__DIRECTIONS FOR THIS TASK__. The lines to copy are those with "full" in them. Pull each one from the entries below.

__Dataset items__.

Content starts

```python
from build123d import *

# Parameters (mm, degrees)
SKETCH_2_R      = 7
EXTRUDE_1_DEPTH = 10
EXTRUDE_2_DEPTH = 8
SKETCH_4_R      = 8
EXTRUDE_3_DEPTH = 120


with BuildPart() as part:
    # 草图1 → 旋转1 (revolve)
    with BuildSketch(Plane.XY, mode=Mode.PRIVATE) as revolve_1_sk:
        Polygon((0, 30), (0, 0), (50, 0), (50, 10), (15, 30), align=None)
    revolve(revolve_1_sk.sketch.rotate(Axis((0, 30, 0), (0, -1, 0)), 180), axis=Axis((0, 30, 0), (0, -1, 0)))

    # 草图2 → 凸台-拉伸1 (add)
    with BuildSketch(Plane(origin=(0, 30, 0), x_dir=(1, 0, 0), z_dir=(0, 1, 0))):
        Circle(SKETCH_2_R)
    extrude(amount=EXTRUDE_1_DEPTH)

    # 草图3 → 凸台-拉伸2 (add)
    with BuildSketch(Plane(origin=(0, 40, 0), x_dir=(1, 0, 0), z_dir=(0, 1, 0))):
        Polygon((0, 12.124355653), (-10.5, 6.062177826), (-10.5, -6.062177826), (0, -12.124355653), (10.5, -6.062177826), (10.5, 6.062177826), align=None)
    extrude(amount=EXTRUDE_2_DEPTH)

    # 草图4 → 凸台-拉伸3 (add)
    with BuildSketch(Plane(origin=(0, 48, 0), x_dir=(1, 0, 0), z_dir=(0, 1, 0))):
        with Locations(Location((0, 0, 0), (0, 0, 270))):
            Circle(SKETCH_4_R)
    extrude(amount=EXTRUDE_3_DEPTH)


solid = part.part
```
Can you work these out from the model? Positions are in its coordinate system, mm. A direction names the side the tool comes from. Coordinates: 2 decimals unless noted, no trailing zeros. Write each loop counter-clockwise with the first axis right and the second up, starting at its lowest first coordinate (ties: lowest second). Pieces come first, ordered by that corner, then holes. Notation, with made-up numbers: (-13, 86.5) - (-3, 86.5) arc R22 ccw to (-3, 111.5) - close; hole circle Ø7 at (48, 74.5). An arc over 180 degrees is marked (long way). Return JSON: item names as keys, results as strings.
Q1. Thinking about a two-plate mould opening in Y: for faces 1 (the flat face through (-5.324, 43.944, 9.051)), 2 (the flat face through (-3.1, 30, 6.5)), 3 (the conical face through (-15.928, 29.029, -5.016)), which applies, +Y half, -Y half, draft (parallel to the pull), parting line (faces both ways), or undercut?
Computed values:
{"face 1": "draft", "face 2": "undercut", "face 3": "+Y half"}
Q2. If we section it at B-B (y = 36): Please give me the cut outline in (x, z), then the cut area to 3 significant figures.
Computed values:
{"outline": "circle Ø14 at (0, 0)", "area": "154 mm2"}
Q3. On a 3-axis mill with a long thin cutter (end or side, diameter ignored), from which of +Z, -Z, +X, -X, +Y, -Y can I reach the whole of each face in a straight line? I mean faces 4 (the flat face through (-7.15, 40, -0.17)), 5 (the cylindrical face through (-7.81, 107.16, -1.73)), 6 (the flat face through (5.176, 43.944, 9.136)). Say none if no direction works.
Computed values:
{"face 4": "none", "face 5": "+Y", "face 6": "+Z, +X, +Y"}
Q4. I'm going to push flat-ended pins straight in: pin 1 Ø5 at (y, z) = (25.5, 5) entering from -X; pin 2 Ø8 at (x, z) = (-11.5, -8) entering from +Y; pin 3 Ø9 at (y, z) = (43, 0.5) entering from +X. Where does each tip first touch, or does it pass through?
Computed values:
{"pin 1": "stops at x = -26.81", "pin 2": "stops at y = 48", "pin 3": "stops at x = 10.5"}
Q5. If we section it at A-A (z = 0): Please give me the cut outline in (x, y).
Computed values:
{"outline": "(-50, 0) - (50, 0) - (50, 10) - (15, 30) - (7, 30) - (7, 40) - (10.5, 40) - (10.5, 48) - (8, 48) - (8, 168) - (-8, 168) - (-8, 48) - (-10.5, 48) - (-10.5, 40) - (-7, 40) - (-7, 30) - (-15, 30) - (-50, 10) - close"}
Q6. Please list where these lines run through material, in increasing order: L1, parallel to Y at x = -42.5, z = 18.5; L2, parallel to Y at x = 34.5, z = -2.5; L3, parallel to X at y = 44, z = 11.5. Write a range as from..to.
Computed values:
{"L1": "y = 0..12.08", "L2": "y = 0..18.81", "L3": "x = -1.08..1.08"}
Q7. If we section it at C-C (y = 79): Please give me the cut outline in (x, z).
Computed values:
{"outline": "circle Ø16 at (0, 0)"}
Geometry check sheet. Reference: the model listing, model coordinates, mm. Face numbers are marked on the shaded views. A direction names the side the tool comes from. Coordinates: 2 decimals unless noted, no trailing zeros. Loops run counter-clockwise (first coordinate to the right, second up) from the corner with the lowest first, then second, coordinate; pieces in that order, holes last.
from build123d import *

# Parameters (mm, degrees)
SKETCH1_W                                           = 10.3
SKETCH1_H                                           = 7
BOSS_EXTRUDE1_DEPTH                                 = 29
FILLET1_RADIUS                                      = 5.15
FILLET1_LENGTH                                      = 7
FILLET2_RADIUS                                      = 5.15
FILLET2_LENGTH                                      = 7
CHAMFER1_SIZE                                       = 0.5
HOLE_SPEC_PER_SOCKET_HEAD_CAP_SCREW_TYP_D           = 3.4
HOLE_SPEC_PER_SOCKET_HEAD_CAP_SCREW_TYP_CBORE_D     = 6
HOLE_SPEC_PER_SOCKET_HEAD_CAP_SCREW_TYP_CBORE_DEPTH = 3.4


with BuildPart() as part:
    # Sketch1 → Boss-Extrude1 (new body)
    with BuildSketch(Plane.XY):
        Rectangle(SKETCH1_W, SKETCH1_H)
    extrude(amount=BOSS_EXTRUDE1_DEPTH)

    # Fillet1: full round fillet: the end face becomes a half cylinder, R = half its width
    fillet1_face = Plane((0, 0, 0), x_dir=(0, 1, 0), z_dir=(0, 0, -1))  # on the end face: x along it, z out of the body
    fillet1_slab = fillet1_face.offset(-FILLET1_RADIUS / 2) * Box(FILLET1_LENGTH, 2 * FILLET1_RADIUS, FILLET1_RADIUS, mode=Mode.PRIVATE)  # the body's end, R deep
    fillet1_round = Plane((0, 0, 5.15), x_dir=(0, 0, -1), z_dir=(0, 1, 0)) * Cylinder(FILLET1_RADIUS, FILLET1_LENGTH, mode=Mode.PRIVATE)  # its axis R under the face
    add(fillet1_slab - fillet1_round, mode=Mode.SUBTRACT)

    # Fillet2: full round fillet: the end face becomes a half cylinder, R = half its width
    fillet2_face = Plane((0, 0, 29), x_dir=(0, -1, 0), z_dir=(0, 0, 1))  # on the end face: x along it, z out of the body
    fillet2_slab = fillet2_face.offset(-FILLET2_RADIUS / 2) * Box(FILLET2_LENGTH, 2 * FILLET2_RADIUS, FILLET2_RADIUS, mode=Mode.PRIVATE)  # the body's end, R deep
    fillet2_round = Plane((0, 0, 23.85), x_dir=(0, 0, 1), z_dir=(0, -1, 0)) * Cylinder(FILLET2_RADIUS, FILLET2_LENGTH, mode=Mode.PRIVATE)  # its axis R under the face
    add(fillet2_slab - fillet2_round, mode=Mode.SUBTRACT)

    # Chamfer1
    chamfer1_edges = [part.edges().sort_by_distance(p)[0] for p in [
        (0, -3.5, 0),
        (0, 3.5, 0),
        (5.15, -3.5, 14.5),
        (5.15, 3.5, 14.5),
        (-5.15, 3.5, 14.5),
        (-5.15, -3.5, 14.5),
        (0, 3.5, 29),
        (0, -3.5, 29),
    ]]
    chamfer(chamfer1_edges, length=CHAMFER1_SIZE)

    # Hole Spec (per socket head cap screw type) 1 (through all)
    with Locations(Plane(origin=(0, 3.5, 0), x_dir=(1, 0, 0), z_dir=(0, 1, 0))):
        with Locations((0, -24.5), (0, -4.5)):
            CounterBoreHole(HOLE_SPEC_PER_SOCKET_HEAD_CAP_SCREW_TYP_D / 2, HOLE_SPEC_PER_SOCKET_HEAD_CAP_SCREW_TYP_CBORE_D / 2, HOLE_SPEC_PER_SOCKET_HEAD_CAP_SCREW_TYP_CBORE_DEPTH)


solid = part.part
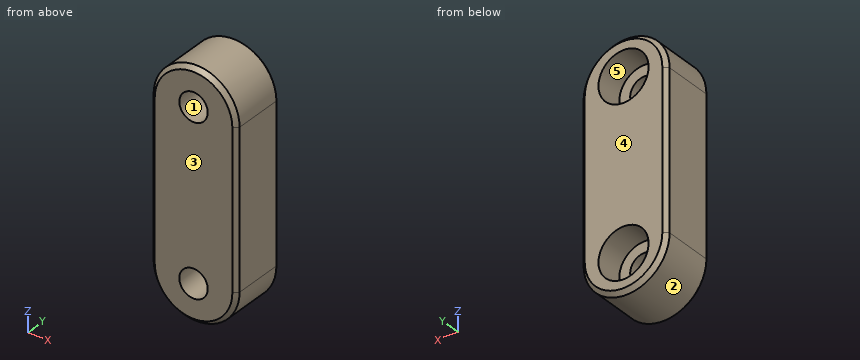
1) Depth check by flat-ended pin: pin 1 (5 mm diameter, centred on x = 0, z = 24.5, fed in from -Y); pin 2 (3 mm diameter, centred on x = -2, y = -0.5, fed in from -Z); pin 3 (1.8 mm diameter, centred on x = 0, z = 3, fed in from +Y). Enter the tip coordinate at first touch or a pass-through.
Data:
pin 1: stops at y = -3.5
pin 2: stops at z = 0.02
pin 3: stops at y = 0.1
2) Mould release check, pull along Z, two halves, no side actions. Record for the marked faces 1, 2 and 3: +Z half, -Z half, draft (parallel to the pull), parting line (faces both ways), or undercut.
Data:
face 1: undercut
face 2: -Z half
face 3: draft
3) Section check A-A on x = 0. Record the cut outline in (y, z).
Data:
outline: (-3.5, 0.5) - (-3, 0) - (3, 0) - (3.5, 0.5) - (3.5, 1.5) - (0.1, 1.5) - (0.1, 2.8) - (-3.5, 2.8) - close; (-3.5, 6.2) - (0.1, 6.2) - (0.1, 7.5) - (3.5, 7.5) - (3.5, 21.5) - (0.1, 21.5) - (0.1, 22.8) - (-3.5, 22.8) - close; (-3.5, 26.2) - (0.1, 26.2) - (0.1, 27.5) - (3.5, 27.5) - (3.5, 28.5) - (3, 29) - (-3, 29) - (-3.5, 28.5) - close
4) Section check C-C on z = 7. Record the cut outline in (x, y).
Data:
outline: (-5.15, -3) - (-4.65, -3.5) - (4.65, -3.5) - (5.15, -3) - (5.15, 3) - (4.65, 3.5) - (1.66, 3.5) - (1.66, 0.1) - (-1.66, 0.1) - (-1.66, 3.5) - (-4.65, 3.5) - (-5.15, 3) - close
5) Section check D-D on y = 2.5. Record the cut outline in (x, z).
Data:
outline: (-5.15, 5.15) arc R5.15 ccw to (5.15, 5.15) - (5.15, 23.85) arc R5.15 ccw to (-5.15, 23.85) - close; hole circle Ø6 at (0, 4.5); hole circle Ø6 at (0, 24.5)
6) Section check B-B on y = -1. Record the cut outline in (x, z).
Data:
outline: (-5.15, 5.15) arc R5.15 ccw to (5.15, 5.15) - (5.15, 23.85) arc R5.15 ccw to (-5.15, 23.85) - close; hole circle Ø3.4 at (0, 4.5); hole circle Ø3.4 at (0, 24.5)
7) Material ranges on probe 1 along Z at (x, y) = (0, -2.1); probe 2 along Z at (x, y) = (0, 2.7); probe 3 along Y at (x, z) = (0, 7.25), recorded low to high.
Data:
probe 1: z = 0 to 2.8, 6.2 to 22.8, 26.2 to 29
probe 2: z = 0 to 1.5, 7.5 to 21.5, 27.5 to 29
probe 3: y = -3.5 to 0.1
8) Access from +Z, -Z, +X, -X, +Y, -Y to the whole of each face (thin tool, end or side, straight path). Record for the marked faces 4 and 5.
Data:
face 4: +Z, -Z, +X, -X, +Y
face 5: +Y

Content ends

__RESULT__.
    # Fillet1: full round fillet: the end face becomes a half cylinder, R = half its width
    # Fillet2: full round fillet: the end face becomes a half cylinder, R = half its width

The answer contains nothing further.